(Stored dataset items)
◇ ◇ ◇ ◇ ◇ ◇ ◇

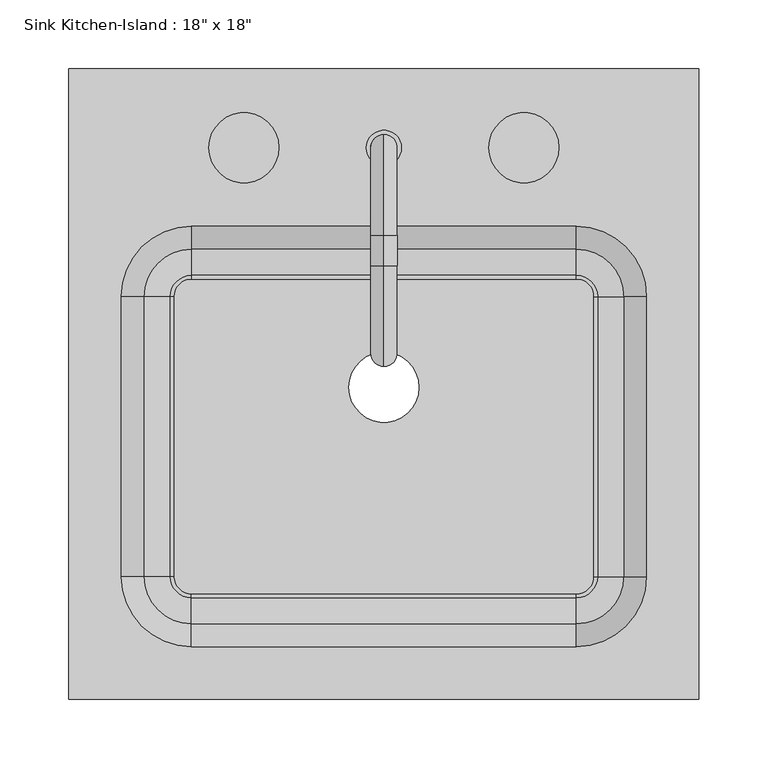
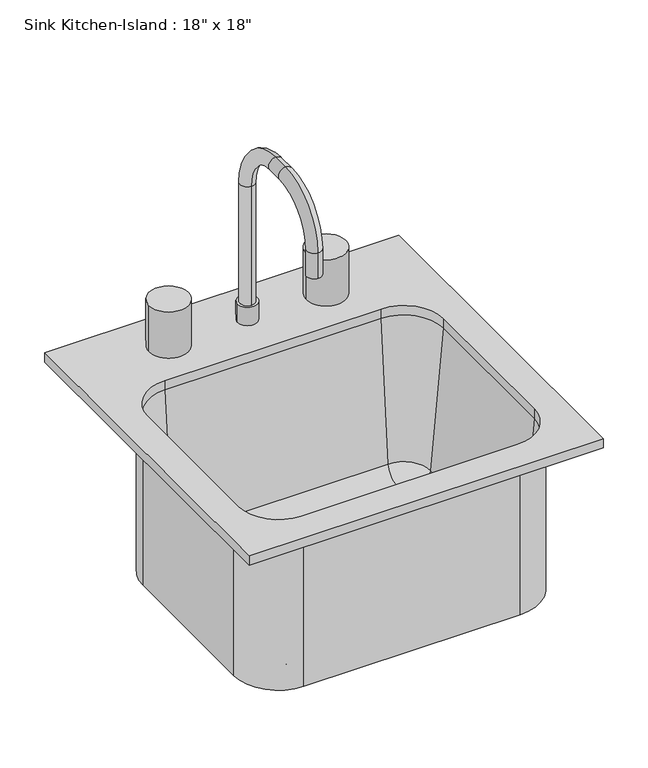
"""IFC4 building model written with IfcOpenShell, lengths in millimetres: flow terminal geometry."""

from ifc_helpers import new_model, si_unit, point, frame, frame_2d, origin, place, context, project, spatial, polyline, circle_curve, ellipse_curve, trimmed, segment, composite_curve, outline, extrude, source, transform, mapped, element, save
from ifc_brep_helpers import plane_surface, cylinder_surface, revolved_surface, advanced_brep


def flow_terminal_871c2e40(model_context):
    return source(origin(), model_context, "Body", "SolidModel", [
        advanced_brep(
        [(244.2892406, 230.9454011, 927.1), (-212.9107594, 230.9454011, 927.1), (-212.9107594, -226.2545989, 927.1), (244.2892406, -226.2545989, 927.1), (155.3892406, 116.6454011, 927.1), (206.1892406, 65.8454011, 927.1), (206.1892406, -137.3545989, 927.1), (155.3892406, -188.1545989, 927.1), (-124.0107594, -188.1545989, 927.1), (-174.8107594, -137.3545989, 927.1), (-174.8107594, 65.8454011, 927.1), (-124.0107594, 116.6454011, 927.1), (244.2892406, 230.9454011, 914.4), (244.2892406, -226.2545989, 914.4), (-212.9107594, -226.2545989, 914.4), (-212.9107594, 230.9454011, 914.4), (212.5392406, 65.8454011, 914.4), (155.3892406, 122.9954011, 914.4), (-124.0107594, 122.9954011, 914.4), (-181.1607594, 65.8454011, 914.4), (-181.1607594, -137.3545989, 914.4), (-124.0107594, -194.5045989, 914.4), (155.3892406, -194.5045989, 914.4), (212.5392406, -137.3545989, 914.4), (155.3892406, 116.6454011, 914.4), (206.1892406, 65.8454011, 914.4), (206.1892406, -137.3545989, 914.4), (155.3892406, -188.1545989, 914.4), (-124.0107594, -188.1545989, 914.4), (-174.8107594, -137.3545989, 914.4), (-174.8107594, 65.8454011, 914.4), (-124.0107594, 116.6454011, 914.4), (212.5392406, 65.8454011, 698.5), (155.3892406, 122.9954011, 698.5), (168.0892406, 65.8454011, 698.5), (155.3892406, 78.5454011, 698.5), (168.0892406, 65.8454011, 708.025), (155.3892406, 78.5454011, 708.025), (170.6776588, 65.8454011, 708.025), (155.3892406, 81.1338193, 708.025), (189.6551678, 65.8454011, 725.4146831), (155.3892406, 100.1113283, 725.4146831), (212.5392406, -137.3545989, 698.5), (168.0892406, -137.3545989, 698.5), (168.0892406, -137.3545989, 708.025), (170.6776588, -137.3545989, 708.025), (189.6551678, -137.3545989, 725.4146831), (155.3892406, -194.5045989, 698.5), (155.3892406, -150.0545989, 698.5), (155.3892406, -150.0545989, 708.025), (155.3892406, -152.6430171, 708.025), (155.3892406, -171.6205261, 725.4146831), (-124.0107594, -194.5045989, 698.5), (-124.0107594, -150.0545989, 698.5), (-124.0107594, -150.0545989, 708.025), (-124.0107594, -152.6430171, 708.025), (-124.0107594, -171.6205261, 725.4146831), (-181.1607594, -137.3545989, 698.5), (-136.7107594, -137.3545989, 698.5), (-136.7107594, -137.3545989, 708.025), (-139.2991776, -137.3545989, 708.025), (-158.2766866, -137.3545989, 725.4146831), (-181.1607594, 65.8454011, 698.5), (-136.7107594, 65.8454011, 698.5), (-136.7107594, 65.8454011, 708.025), (-139.2991776, 65.8454011, 708.025), (-158.2766866, 65.8454011, 725.4146831), (-124.0107594, 122.9954011, 698.5), (-124.0107594, 78.5454011, 698.5), (-124.0107594, 78.5454011, 708.025), (-124.0107594, 81.1338193, 708.025), (-124.0107594, 100.1113283, 725.4146831)],
        [
            (0, 1),
            (1, 2),
            (2, 3),
            (3, 0),
            (4, 5, circle_curve(frame((155.3892406, 65.8454011, 927.1), z_axis=(0.0, 0.0, -1.0), x_axis=(1.0, 0.0, 0.0)), 50.8)),
            (5, 6),
            (6, 7, circle_curve(frame((155.3892406, -137.3545989, 927.1), z_axis=(0.0, 0.0, -1.0), x_axis=(1.0, 0.0, 0.0)), 50.8)),
            (7, 8),
            (8, 9, circle_curve(frame((-124.0107594, -137.3545989, 927.1), z_axis=(0.0, 0.0, -1.0), x_axis=(1.0, 0.0, 0.0)), 50.8)),
            (9, 10),
            (10, 11, circle_curve(frame((-124.0107594, 65.8454011, 927.1), z_axis=(0.0, 0.0, -1.0), x_axis=(1.0, 0.0, 0.0)), 50.8)),
            (11, 4),
            (12, 13),
            (13, 14),
            (14, 15),
            (15, 12),
            (16, 17, circle_curve(frame((155.3892406, 65.8454011, 914.4), z_axis=(0.0, 0.0, 1.0), x_axis=(0.0, 1.0, 0.0)), 57.15)),
            (17, 18),
            (18, 19, circle_curve(frame((-124.0107594, 65.8454011, 914.4), z_axis=(0.0, 0.0, 1.0), x_axis=(-1.0, 0.0, 0.0)), 57.15)),
            (19, 20),
            (20, 21, circle_curve(frame((-124.0107594, -137.3545989, 914.4), z_axis=(0.0, 0.0, 1.0), x_axis=(0.0, -1.0, 0.0)), 57.15)),
            (21, 22),
            (22, 23, circle_curve(frame((155.3892406, -137.3545989, 914.4), z_axis=(0.0, 0.0, 1.0), x_axis=(1.0, 0.0, 0.0)), 57.15)),
            (23, 16),
            (0, 12),
            (15, 1),
            (14, 2),
            (13, 3),
            (4, 24),
            (24, 25, circle_curve(frame((155.3892406, 65.8454011, 914.4), z_axis=(0.0, 0.0, -1.0), x_axis=(1.0, 0.0, 0.0)), 50.8)),
            (25, 5),
            (25, 26),
            (26, 6),
            (26, 27, circle_curve(frame((155.3892406, -137.3545989, 914.4), z_axis=(0.0, 0.0, -1.0), x_axis=(1.0, 0.0, 0.0)), 50.8)),
            (27, 7),
            (27, 28),
            (28, 8),
            (28, 29, circle_curve(frame((-124.0107594, -137.3545989, 914.4), z_axis=(0.0, 0.0, -1.0), x_axis=(1.0, 0.0, 0.0)), 50.8)),
            (29, 9),
            (29, 30),
            (30, 10),
            (30, 31, circle_curve(frame((-124.0107594, 65.8454011, 914.4), z_axis=(0.0, 0.0, -1.0), x_axis=(1.0, 0.0, 0.0)), 50.8)),
            (31, 11),
            (31, 24),
            (32, 33, circle_curve(frame((155.3892406, 65.8454011, 698.5), z_axis=(0.0, 0.0, 1.0), x_axis=(0.0, 1.0, 0.0)), 57.15)),
            (33, 17),
            (16, 32),
            (32, 34),
            (34, 35, circle_curve(frame((155.3892406, 65.8454011, 698.5), z_axis=(0.0, 0.0, 1.0), x_axis=(0.0, 1.0, 0.0)), 12.7)),
            (35, 33),
            (34, 36),
            (36, 37, circle_curve(frame((155.3892406, 65.8454011, 708.025), z_axis=(0.0, 0.0, 1.0), x_axis=(0.0, 1.0, 0.0)), 12.7)),
            (37, 35),
            (36, 38),
            (38, 39, circle_curve(frame((155.3892406, 65.8454011, 708.025), z_axis=(0.0, 0.0, 1.0), x_axis=(0.0, 1.0, 0.0)), 15.2884182)),
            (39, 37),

◇ ◇ ◇ ◇ ◇ ◇ ◇

§ REQUIREMENT
Return the records verbatim, minus pictures.

§ TASK RESPONSE
"""IFC4 building model written with IfcOpenShell, lengths in millimetres: flow terminal geometry."""

from ifc_helpers import new_model, si_unit, point, frame, frame_2d, origin, place, context, project, spatial, polyline, circle_curve, ellipse_curve, trimmed, segment, composite_curve, outline, extrude, source, transform, mapped, element, save
from ifc_brep_helpers import plane_surface, cylinder_surface, revolved_surface, advanced_brep


def flow_terminal_871c2e40(model_context):
    return source(origin(), model_context, "Body", "SolidModel", [
        advanced_brep(
        [(244.2892406, 230.9454011, 927.1), (-212.9107594, 230.9454011, 927.1), (-212.9107594, -226.2545989, 927.1), (244.2892406, -226.2545989, 927.1), (155.3892406, 116.6454011, 927.1), (206.1892406, 65.8454011, 927.1), (206.1892406, -137.3545989, 927.1), (155.3892406, -188.1545989, 927.1), (-124.0107594, -188.1545989, 927.1), (-174.8107594, -137.3545989, 927.1), (-174.8107594, 65.8454011, 927.1), (-124.0107594, 116.6454011, 927.1), (244.2892406, 230.9454011, 914.4), (244.2892406, -226.2545989, 914.4), (-212.9107594, -226.2545989, 914.4), (-212.9107594, 230.9454011, 914.4), (212.5392406, 65.8454011, 914.4), (155.3892406, 122.9954011, 914.4), (-124.0107594, 122.9954011, 914.4), (-181.1607594, 65.8454011, 914.4), (-181.1607594, -137.3545989, 914.4), (-124.0107594, -194.5045989, 914.4), (155.3892406, -194.5045989, 914.4), (212.5392406, -137.3545989, 914.4), (155.3892406, 116.6454011, 914.4), (206.1892406, 65.8454011, 914.4), (206.1892406, -137.3545989, 914.4), (155.3892406, -188.1545989, 914.4), (-124.0107594, -188.1545989, 914.4), (-174.8107594, -137.3545989, 914.4), (-174.8107594, 65.8454011, 914.4), (-124.0107594, 116.6454011, 914.4), (212.5392406, 65.8454011, 698.5), (155.3892406, 122.9954011, 698.5), (168.0892406, 65.8454011, 698.5), (155.3892406, 78.5454011, 698.5), (168.0892406, 65.8454011, 708.025), (155.3892406, 78.5454011, 708.025), (170.6776588, 65.8454011, 708.025), (155.3892406, 81.1338193, 708.025), (189.6551678, 65.8454011, 725.4146831), (155.3892406, 100.1113283, 725.4146831), (212.5392406, -137.3545989, 698.5), (168.0892406, -137.3545989, 698.5), (168.0892406, -137.3545989, 708.025), (170.6776588, -137.3545989, 708.025), (189.6551678, -137.3545989, 725.4146831), (155.3892406, -194.5045989, 698.5), (155.3892406, -150.0545989, 698.5), (155.3892406, -150.0545989, 708.025), (155.3892406, -152.6430171, 708.025), (155.3892406, -171.6205261, 725.4146831), (-124.0107594, -194.5045989, 698.5), (-124.0107594, -150.0545989, 698.5), (-124.0107594, -150.0545989, 708.025), (-124.0107594, -152.6430171, 708.025), (-124.0107594, -171.6205261, 725.4146831), (-181.1607594, -137.3545989, 698.5), (-136.7107594, -137.3545989, 698.5), (-136.7107594, -137.3545989, 708.025), (-139.2991776, -137.3545989, 708.025), (-158.2766866, -137.3545989, 725.4146831), (-181.1607594, 65.8454011, 698.5), (-136.7107594, 65.8454011, 698.5), (-136.7107594, 65.8454011, 708.025), (-139.2991776, 65.8454011, 708.025), (-158.2766866, 65.8454011, 725.4146831), (-124.0107594, 122.9954011, 698.5), (-124.0107594, 78.5454011, 698.5), (-124.0107594, 78.5454011, 708.025), (-124.0107594, 81.1338193, 708.025), (-124.0107594, 100.1113283, 725.4146831)],
        [
            (0, 1),
            (1, 2),
            (2, 3),
            (3, 0),
            (4, 5, circle_curve(frame((155.3892406, 65.8454011, 927.1), z_axis=(0.0, 0.0, -1.0), x_axis=(1.0, 0.0, 0.0)), 50.8)),
            (5, 6),
            (6, 7, circle_curve(frame((155.3892406, -137.3545989, 927.1), z_axis=(0.0, 0.0, -1.0), x_axis=(1.0, 0.0, 0.0)), 50.8)),
            (7, 8),
            (8, 9, circle_curve(frame((-124.0107594, -137.3545989, 927.1), z_axis=(0.0, 0.0, -1.0), x_axis=(1.0, 0.0, 0.0)), 50.8)),
            (9, 10),
            (10, 11, circle_curve(frame((-124.0107594, 65.8454011, 927.1), z_axis=(0.0, 0.0, -1.0), x_axis=(1.0, 0.0, 0.0)), 50.8)),
            (11, 4),
            (12, 13),
            (13, 14),
            (14, 15),
            (15, 12),
            (16, 17, circle_curve(frame((155.3892406, 65.8454011, 914.4), z_axis=(0.0, 0.0, 1.0), x_axis=(0.0, 1.0, 0.0)), 57.15)),
            (17, 18),
            (18, 19, circle_curve(frame((-124.0107594, 65.8454011, 914.4), z_axis=(0.0, 0.0, 1.0), x_axis=(-1.0, 0.0, 0.0)), 57.15)),
            (19, 20),
            (20, 21, circle_curve(frame((-124.0107594, -137.3545989, 914.4), z_axis=(0.0, 0.0, 1.0), x_axis=(0.0, -1.0, 0.0)), 57.15)),
            (21, 22),
            (22, 23, circle_curve(frame((155.3892406, -137.3545989, 914.4), z_axis=(0.0, 0.0, 1.0), x_axis=(1.0, 0.0, 0.0)), 57.15)),
            (23, 16),
            (0, 12),
            (15, 1),
            (14, 2),
            (13, 3),
            (4, 24),
            (24, 25, circle_curve(frame((155.3892406, 65.8454011, 914.4), z_axis=(0.0, 0.0, -1.0), x_axis=(1.0, 0.0, 0.0)), 50.8)),
            (25, 5),
            (25, 26),
            (26, 6),
            (26, 27, circle_curve(frame((155.3892406, -137.3545989, 914.4), z_axis=(0.0, 0.0, -1.0), x_axis=(1.0, 0.0, 0.0)), 50.8)),
            (27, 7),
            (27, 28),
            (28, 8),
            (28, 29, circle_curve(frame((-124.0107594, -137.3545989, 914.4), z_axis=(0.0, 0.0, -1.0), x_axis=(1.0, 0.0, 0.0)), 50.8)),
            (29, 9),
            (29, 30),
            (30, 10),
            (30, 31, circle_curve(frame((-124.0107594, 65.8454011, 914.4), z_axis=(0.0, 0.0, -1.0), x_axis=(1.0, 0.0, 0.0)), 50.8)),
            (31, 11),
            (31, 24),
            (32, 33, circle_curve(frame((155.3892406, 65.8454011, 698.5), z_axis=(0.0, 0.0, 1.0), x_axis=(0.0, 1.0, 0.0)), 57.15)),
            (33, 17),
            (16, 32),
            (32, 34),
            (34, 35, circle_curve(frame((155.3892406, 65.8454011, 698.5), z_axis=(0.0, 0.0, 1.0), x_axis=(0.0, 1.0, 0.0)), 12.7)),
            (35, 33),
            (34, 36),
            (36, 37, circle_curve(frame((155.3892406, 65.8454011, 708.025), z_axis=(0.0, 0.0, 1.0), x_axis=(0.0, 1.0, 0.0)), 12.7)),
            (37, 35),
            (36, 38),
            (38, 39, circle_curve(frame((155.3892406, 65.8454011, 708.025), z_axis=(0.0, 0.0, 1.0), x_axis=(0.0, 1.0, 0.0)), 15.2884182)),
            (39, 37),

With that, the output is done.